Working data -

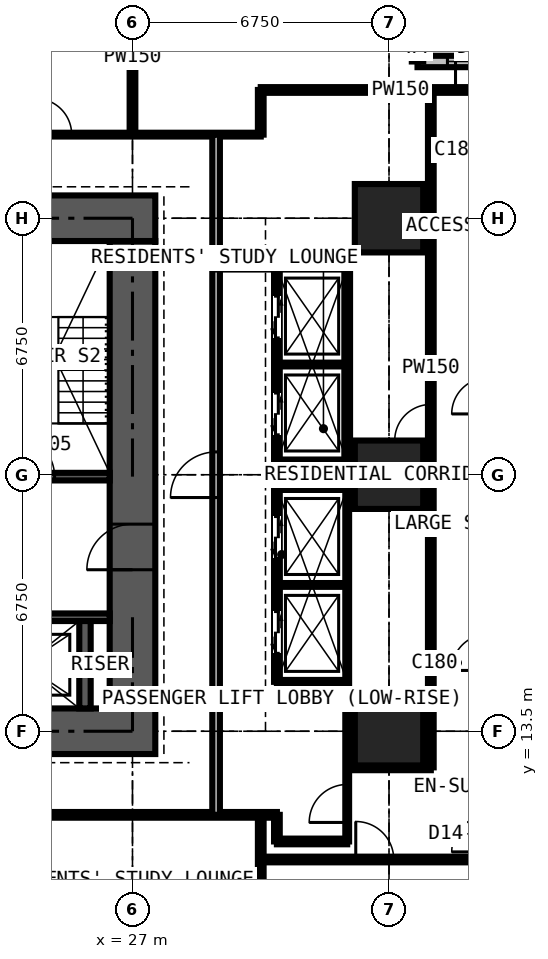
"""IFC4 building model, lengths in metres.
Left out: names, types, materials, properties, quantities, classifications, styles, units other than length and angle.
Written with IfcOpenShell. Run it as: python <this file> out.ifc"""

import sys

from ifc_helpers import new_model, si_unit, direction, frame, frame_2d, origin, origin_2d, place, context, subcontext, project, spatial, rectangle, extrude, element, fill, save


model = new_model("IFC4")
c1 = context("Model", 3, precision=1e-05, world=origin(), true_north=direction((0.0, 1.0)))
c2 = subcontext(c1, "Body", "Model", "MODEL_VIEW")
j1 = project(units=[si_unit("LENGTHUNIT", "METRE"), si_unit("PLANEANGLEUNIT", "RADIAN")], contexts=[c1])
p1 = place(None, origin())
s1 = spatial("IfcSite", under=j1, at=p1, CompositionType="ELEMENT")
p2 = place(p1, origin())
s2 = spatial("IfcBuilding", under=s1, at=p2, CompositionType="ELEMENT")
p3 = place(p2, frame((0.0, 0.0, 105.3)))
s3 = spatial("IfcBuildingStorey", under=s2, at=p3, CompositionType="ELEMENT", Elevation=105.3)
for number, where, z_axis, x_axis in (
    (1, (33.75, 13.5, 0.0), (0.0, 0.0, 1.0), (1.0, 0.0, 0.0)),
    (2, (33.75, 20.25, 0.0), (0.0, 0.0, 1.0), (1.0, 0.0, 0.0)),
    (3, (33.75, 27.0, 0.0), (0.0, 0.0, 1.0), (1.0, 0.0, 0.0)),
):
    element("IfcColumn", number, at=place(p3, frame(where, z_axis=z_axis, x_axis=x_axis)), inside=s3, PredefinedType="COLUMN", context=c2, shape_type="SweptSolid", body=[
        extrude(rectangle(XDim=1.8, YDim=1.8, at=origin_2d()), origin(), (0.0, 0.0, 1.0), 3.6),
    ])
p4 = place(p3, frame((12.9, 13.5, 0.0), z_axis=(0.0, 0.0, 1.0), x_axis=(1.0, 0.0, 0.0)))
e4 = element("IfcWall", 4, at=p4, inside=s3, PredefinedType="SHEAR", context=c2, shape_type="SweptSolid", body=[
    extrude(rectangle(XDim=14.7, YDim=1.2, at=frame_2d((7.35, 0.0))), origin(), (0.0, 0.0, 1.0), 3.6),
])
p5 = place(p3, frame((27.0, 14.1, 0.0), z_axis=(0.0, 0.0, 1.0), x_axis=(0.0, 1.0, 0.0)))
e5 = element("IfcWall", 5, at=p5, inside=s3, PredefinedType="SHEAR", context=c2, shape_type="SweptSolid", body=[
    extrude(rectangle(XDim=12.3, YDim=1.2, at=frame_2d((6.15, 0.0))), origin(), (0.0, 0.0, 1.0), 3.6),
])
p6 = place(p5, frame((3.65, 0.0, 0.0)))
e6 = element("IfcOpeningElement", 6, at=p6, cuts=e5, PredefinedType="OPENING", context=c2, shape_type="SweptSolid", body=[
    extrude(rectangle(XDim=1.2, YDim=2.2, at=frame_2d((0.6, 1.1))), frame((0.0, 0.61, 0.0), z_axis=(0.0, -1.0, 0.0), x_axis=(1.0, 0.0, 0.0)), (0.0, 0.0, 1.0), 1.22),
])
p7 = place(p3, frame((27.6, 27.0, 0.0), z_axis=(0.0, 0.0, 1.0), x_axis=(-1.0, 0.0, 0.0)))
e7 = element("IfcWall", 7, at=p7, inside=s3, PredefinedType="SHEAR", context=c2, shape_type="SweptSolid", body=[
    extrude(rectangle(XDim=14.7, YDim=1.2, at=frame_2d((7.35, 0.0))), origin(), (0.0, 0.0, 1.0), 3.6),
])
p8 = place(p7, frame((5.225, 0.0, 0.0)))
e8 = element("IfcOpeningElement", 8, at=p8, cuts=e7, PredefinedType="OPENING", context=c2, shape_type="SweptSolid", body=[
    extrude(rectangle(XDim=0.9, YDim=2.2, at=frame_2d((0.45, 1.1))), frame((0.0, 0.61, 0.0), z_axis=(0.0, -1.0, 0.0), x_axis=(1.0, 0.0, 0.0)), (0.0, 0.0, 1.0), 1.22),
])
p9 = place(p7, frame((8.2, 0.0, 0.0)))
e9 = element("IfcOpeningElement", 9, at=p9, cuts=e7, PredefinedType="OPENING", context=c2, shape_type="SweptSolid", body=[
    extrude(rectangle(XDim=1.0, YDim=2.2, at=frame_2d((0.5, 1.1))), frame((0.0, 0.61, 0.0), z_axis=(0.0, -1.0, 0.0), x_axis=(1.0, 0.0, 0.0)), (0.0, 0.0, 1.0), 1.22),
])
p10 = place(p3, frame((37.875, 31.125, 0.0), z_axis=(0.0, 0.0, 1.0), x_axis=(-1.0, 0.0, 0.0)))
e10 = element("IfcWall", 10, at=p10, inside=s3, PredefinedType="SOLIDWALL", context=c2, shape_type="SweptSolid", body=[
    extrude(rectangle(XDim=3.375, YDim=0.3, at=frame_2d((1.688, 0.0))), origin(), (0.0, 0.0, 1.0), 3.375),
])
p11 = place(p10, frame((0.788, 0.0, 0.6)))
e11 = element("IfcOpeningElement", 11, at=p11, cuts=e10, PredefinedType="OPENING", context=c2, shape_type="SweptSolid", body=[
    extrude(rectangle(XDim=1.8, YDim=2.1, at=frame_2d((0.9, 1.05))), frame((0.0, 0.16, 0.0), z_axis=(0.0, -1.0, 0.0), x_axis=(1.0, 0.0, 0.0)), (0.0, 0.0, 1.0), 0.32),
])
p12 = place(p3, frame((34.5, 31.125, 0.0), z_axis=(0.0, 0.0, 1.0), x_axis=(0.0, 1.0, 0.0)))
e12 = element("IfcWall", 12, at=p12, inside=s3, PredefinedType="SOLIDWALL", context=c2, shape_type="SweptSolid", body=[
    extrude(rectangle(XDim=3.375, YDim=0.3, at=frame_2d((1.688, 0.0))), origin(), (0.0, 0.0, 1.0), 3.375),
])
p13 = place(p12, frame((0.343, 0.0, 0.9)))
e13 = element("IfcOpeningElement", 13, at=p13, cuts=e12, PredefinedType="OPENING", context=c2, shape_type="SweptSolid", body=[
    extrude(rectangle(XDim=1.2, YDim=1.8, at=frame_2d((0.6, 0.9))), frame((0.0, 0.16, 0.0), z_axis=(0.0, -1.0, 0.0), x_axis=(1.0, 0.0, 0.0)), (0.0, 0.0, 1.0), 0.32),
])
p14 = place(p3, frame((14.1, 16.5, 0.0), z_axis=(0.0, 0.0, 1.0), x_axis=(1.0, 0.0, 0.0)))
e14 = element("IfcWall", 14, at=p14, inside=s3, PredefinedType="SHEAR", context=c2, shape_type="SweptSolid", body=[
    extrude(rectangle(XDim=12.3, YDim=0.2, at=frame_2d((6.15, 0.0))), origin(), (0.0, 0.0, 1.0), 3.6),
])
p15 = place(p14, frame((0.9, 0.0, 0.0)))
e15 = element("IfcOpeningElement", 15, at=p15, cuts=e14, PredefinedType="OPENING", context=c2, shape_type="SweptSolid", body=[
    extrude(rectangle(XDim=1.1, YDim=2.2, at=frame_2d((0.55, 1.1))), frame((0.0, 0.11, 0.0), z_axis=(0.0, -1.0, 0.0), x_axis=(1.0, 0.0, 0.0)), (0.0, 0.0, 1.0), 0.22),
])
p16 = place(p14, frame((9.5, 0.0, 0.0)))
e16 = element("IfcOpeningElement", 16, at=p16, cuts=e14, PredefinedType="OPENING", context=c2, shape_type="SweptSolid", body=[
    extrude(rectangle(XDim=1.1, YDim=2.2, at=frame_2d((0.55, 1.1))), frame((0.0, 0.11, 0.0), z_axis=(0.0, -1.0, 0.0), x_axis=(1.0, 0.0, 0.0)), (0.0, 0.0, 1.0), 0.22),
])
p17 = place(p3, frame((14.1, 20.2, 0.0), z_axis=(0.0, 0.0, 1.0), x_axis=(1.0, 0.0, 0.0)))
e17 = element("IfcWall", 17, at=p17, inside=s3, PredefinedType="SHEAR", context=c2, shape_type="SweptSolid", body=[
    extrude(rectangle(XDim=12.3, YDim=0.2, at=frame_2d((6.15, 0.0))), origin(), (0.0, 0.0, 1.0), 3.6),
])
p18 = place(p17, frame((0.35, 0.0, 0.0)))
e18 = element("IfcOpeningElement", 18, at=p18, cuts=e17, PredefinedType="OPENING", context=c2, shape_type="SweptSolid", body=[
    extrude(rectangle(XDim=1.1, YDim=2.2, at=frame_2d((0.55, 1.1))), frame((0.0, 0.11, 0.0), z_axis=(0.0, -1.0, 0.0), x_axis=(1.0, 0.0, 0.0)), (0.0, 0.0, 1.0), 0.22),
])
p19 = place(p17, frame((9.75, 0.0, 0.0)))
e19 = element("IfcOpeningElement", 19, at=p19, cuts=e17, PredefinedType="OPENING", context=c2, shape_type="SweptSolid", body=[
    extrude(rectangle(XDim=1.1, YDim=2.2, at=frame_2d((0.55, 1.1))), frame((0.0, 0.11, 0.0), z_axis=(0.0, -1.0, 0.0), x_axis=(1.0, 0.0, 0.0)), (0.0, 0.0, 1.0), 0.22),
])
p20 = place(p3, frame((25.75, 14.1, 0.0), z_axis=(0.0, 0.0, 1.0), x_axis=(0.0, 1.0, 0.0)))
e20 = element("IfcWall", 20, at=p20, inside=s3, PredefinedType="SHEAR", context=c2, shape_type="SweptSolid", body=[
    extrude(rectangle(XDim=2.3, YDim=0.3, at=frame_2d((1.15, 0.0))), origin(), (0.0, 0.0, 1.0), 3.6),
])
p21 = place(p3, frame((10.125, 11.3, 0.0), z_axis=(0.0, 0.0, 1.0), x_axis=(1.0, 0.0, 0.0)))
e21 = element("IfcWall", 21, at=p21, inside=s3, PredefinedType="PARTITIONING", context=c2, shape_type="SweptSolid", body=[
    extrude(rectangle(XDim=20.675, YDim=0.15, at=frame_2d((10.337, 0.0))), origin(), (0.0, 0.0, 1.0), 3.375),
])
p22 = place(p21, frame((1.775, 0.0, 0.0)))
e22 = element("IfcOpeningElement", 22, at=p22, cuts=e21, PredefinedType="OPENING", context=c2, shape_type="SweptSolid", body=[
    extrude(rectangle(XDim=1.0, YDim=2.2, at=frame_2d((0.5, 1.1))), frame((0.0, 0.085, 0.0), z_axis=(0.0, -1.0, 0.0), x_axis=(1.0, 0.0, 0.0)), (0.0, 0.0, 1.0), 0.17),
])
p23 = place(p21, frame((11.312, 0.0, 0.0)))
e23 = element("IfcOpeningElement", 23, at=p23, cuts=e21, PredefinedType="OPENING", context=c2, shape_type="SweptSolid", body=[
    extrude(rectangle(XDim=1.0, YDim=2.2, at=frame_2d((0.5, 1.1))), frame((0.0, 0.085, 0.0), z_axis=(0.0, -1.0, 0.0), x_axis=(1.0, 0.0, 0.0)), (0.0, 0.0, 1.0), 0.17),
])
p24 = place(p3, frame((11.3, 29.2, 0.0), z_axis=(0.0, 0.0, 1.0), x_axis=(1.0, 0.0, 0.0)))
e24 = element("IfcWall", 24, at=p24, inside=s3, PredefinedType="PARTITIONING", context=c2, shape_type="SweptSolid", body=[
    extrude(rectangle(XDim=19.075, YDim=0.1, at=frame_2d((9.538, 0.0))), origin(), (0.0, 0.0, 1.0), 3.375),
])
p25 = place(p24, frame((6.4, 0.0, 0.0)))
e25 = element("IfcOpeningElement", 25, at=p25, cuts=e24, PredefinedType="OPENING", context=c2, shape_type="SweptSolid", body=[
    extrude(rectangle(XDim=0.95, YDim=2.2, at=frame_2d((0.475, 1.1))), frame((0.0, 0.06, 0.0), z_axis=(0.0, -1.0, 0.0), x_axis=(1.0, 0.0, 0.0)), (0.0, 0.0, 1.0), 0.12),
])
p26 = place(p24, frame((13.15, 0.0, 0.0)))
e26 = element("IfcOpeningElement", 26, at=p26, cuts=e24, PredefinedType="OPENING", context=c2, shape_type="SweptSolid", body=[
    extrude(rectangle(XDim=0.95, YDim=2.2, at=frame_2d((0.475, 1.1))), frame((0.0, 0.06, 0.0), z_axis=(0.0, -1.0, 0.0), x_axis=(1.0, 0.0, 0.0)), (0.0, 0.0, 1.0), 0.12),
])
p27 = place(p24, frame((0.6, 0.0, 0.0)))
e27 = element("IfcOpeningElement", 27, at=p27, cuts=e24, PredefinedType="OPENING", context=c2, shape_type="SweptSolid", body=[
    extrude(rectangle(XDim=1.0, YDim=2.2, at=frame_2d((0.5, 1.1))), frame((0.0, 0.06, 0.0), z_axis=(0.0, -1.0, 0.0), x_axis=(1.0, 0.0, 0.0)), (0.0, 0.0, 1.0), 0.12),
])
p28 = place(p3, frame((27.0, 29.2, 0.0), z_axis=(0.0, 0.0, 1.0), x_axis=(0.0, 1.0, 0.0)))
e28 = element("IfcWall", 28, at=p28, inside=s3, PredefinedType="PARTITIONING", context=c2, shape_type="SweptSolid", body=[
    extrude(rectangle(XDim=5.284, YDim=0.15, at=frame_2d((2.642, 0.0))), origin(), (0.0, 0.0, 1.0), 2.61),
])
p29 = place(p3, frame((29.2, 11.3, 0.0), z_axis=(0.0, 0.0, 1.0), x_axis=(0.0, 1.0, 0.0)))
e29 = element("IfcWall", 29, at=p29, inside=s3, PredefinedType="PARTITIONING", context=c2, shape_type="SweptSolid", body=[
    extrude(rectangle(XDim=17.9, YDim=0.2, at=frame_2d((8.95, 0.0))), origin(), (0.0, 0.0, 1.0), 3.375),
])
p30 = place(p29, frame((8.35, 0.0, 0.0)))
e30 = element("IfcOpeningElement", 30, at=p30, cuts=e29, PredefinedType="OPENING", context=c2, shape_type="SweptSolid", body=[
    extrude(rectangle(XDim=1.2, YDim=2.2, at=frame_2d((0.6, 1.1))), frame((0.0, 0.11, 0.0), z_axis=(0.0, -1.0, 0.0), x_axis=(1.0, 0.0, 0.0)), (0.0, 0.0, 1.0), 0.22),
])
p31 = place(p3, frame((29.2, 25.7, 0.0), z_axis=(0.0, 0.0, 1.0), x_axis=(1.0, 0.0, 0.0)))
e31 = element("IfcWall", 31, at=p31, inside=s3, PredefinedType="SHEAR", context=c2, shape_type="SweptSolid", body=[
    extrude(rectangle(XDim=3.45, YDim=0.1, at=frame_2d((1.725, 0.0))), origin(), (0.0, 0.0, 1.0), 3.375),
])
p32 = place(p3, frame((30.375, -0.734, 0.0), z_axis=(0.0, 0.0, 1.0), x_axis=(0.0, 1.0, 0.0)))
e32 = element("IfcWall", 32, at=p32, inside=s3, PredefinedType="PARTITIONING", context=c2, shape_type="SweptSolid", body=[
    extrude(rectangle(XDim=12.034, YDim=0.15, at=frame_2d((6.017, 0.0))), origin(), (0.0, 0.0, 1.0), 3.375),
])
p33 = place(p3, frame((30.375, 10.125, 0.0), z_axis=(0.0, 0.0, 1.0), x_axis=(1.0, 0.0, 0.0)))
e33 = element("IfcWall", 33, at=p33, inside=s3, PredefinedType="PARTITIONING", context=c2, shape_type="SweptSolid", body=[
    extrude(rectangle(XDim=10.859, YDim=0.15, at=frame_2d((5.429, 0.0))), origin(), (0.0, 0.0, 1.0), 3.375),
])
p34 = place(p33, frame((2.5, 0.0, 0.0)))
e34 = element("IfcOpeningElement", 34, at=p34, cuts=e33, PredefinedType="OPENING", context=c2, shape_type="SweptSolid", body=[
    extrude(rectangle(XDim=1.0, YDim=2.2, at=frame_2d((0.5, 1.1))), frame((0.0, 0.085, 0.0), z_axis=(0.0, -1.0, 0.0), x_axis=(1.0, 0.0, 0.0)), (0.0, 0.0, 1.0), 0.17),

Task to complete - Using the material above, gather every line that includes "import".

Exercise output -
import sys
from ifc_helpers import new_model, si_unit, direction, frame, frame_2d, origin, origin_2d, place, context, subcontext, project, spatial, rectangle, extrude, element, fill, save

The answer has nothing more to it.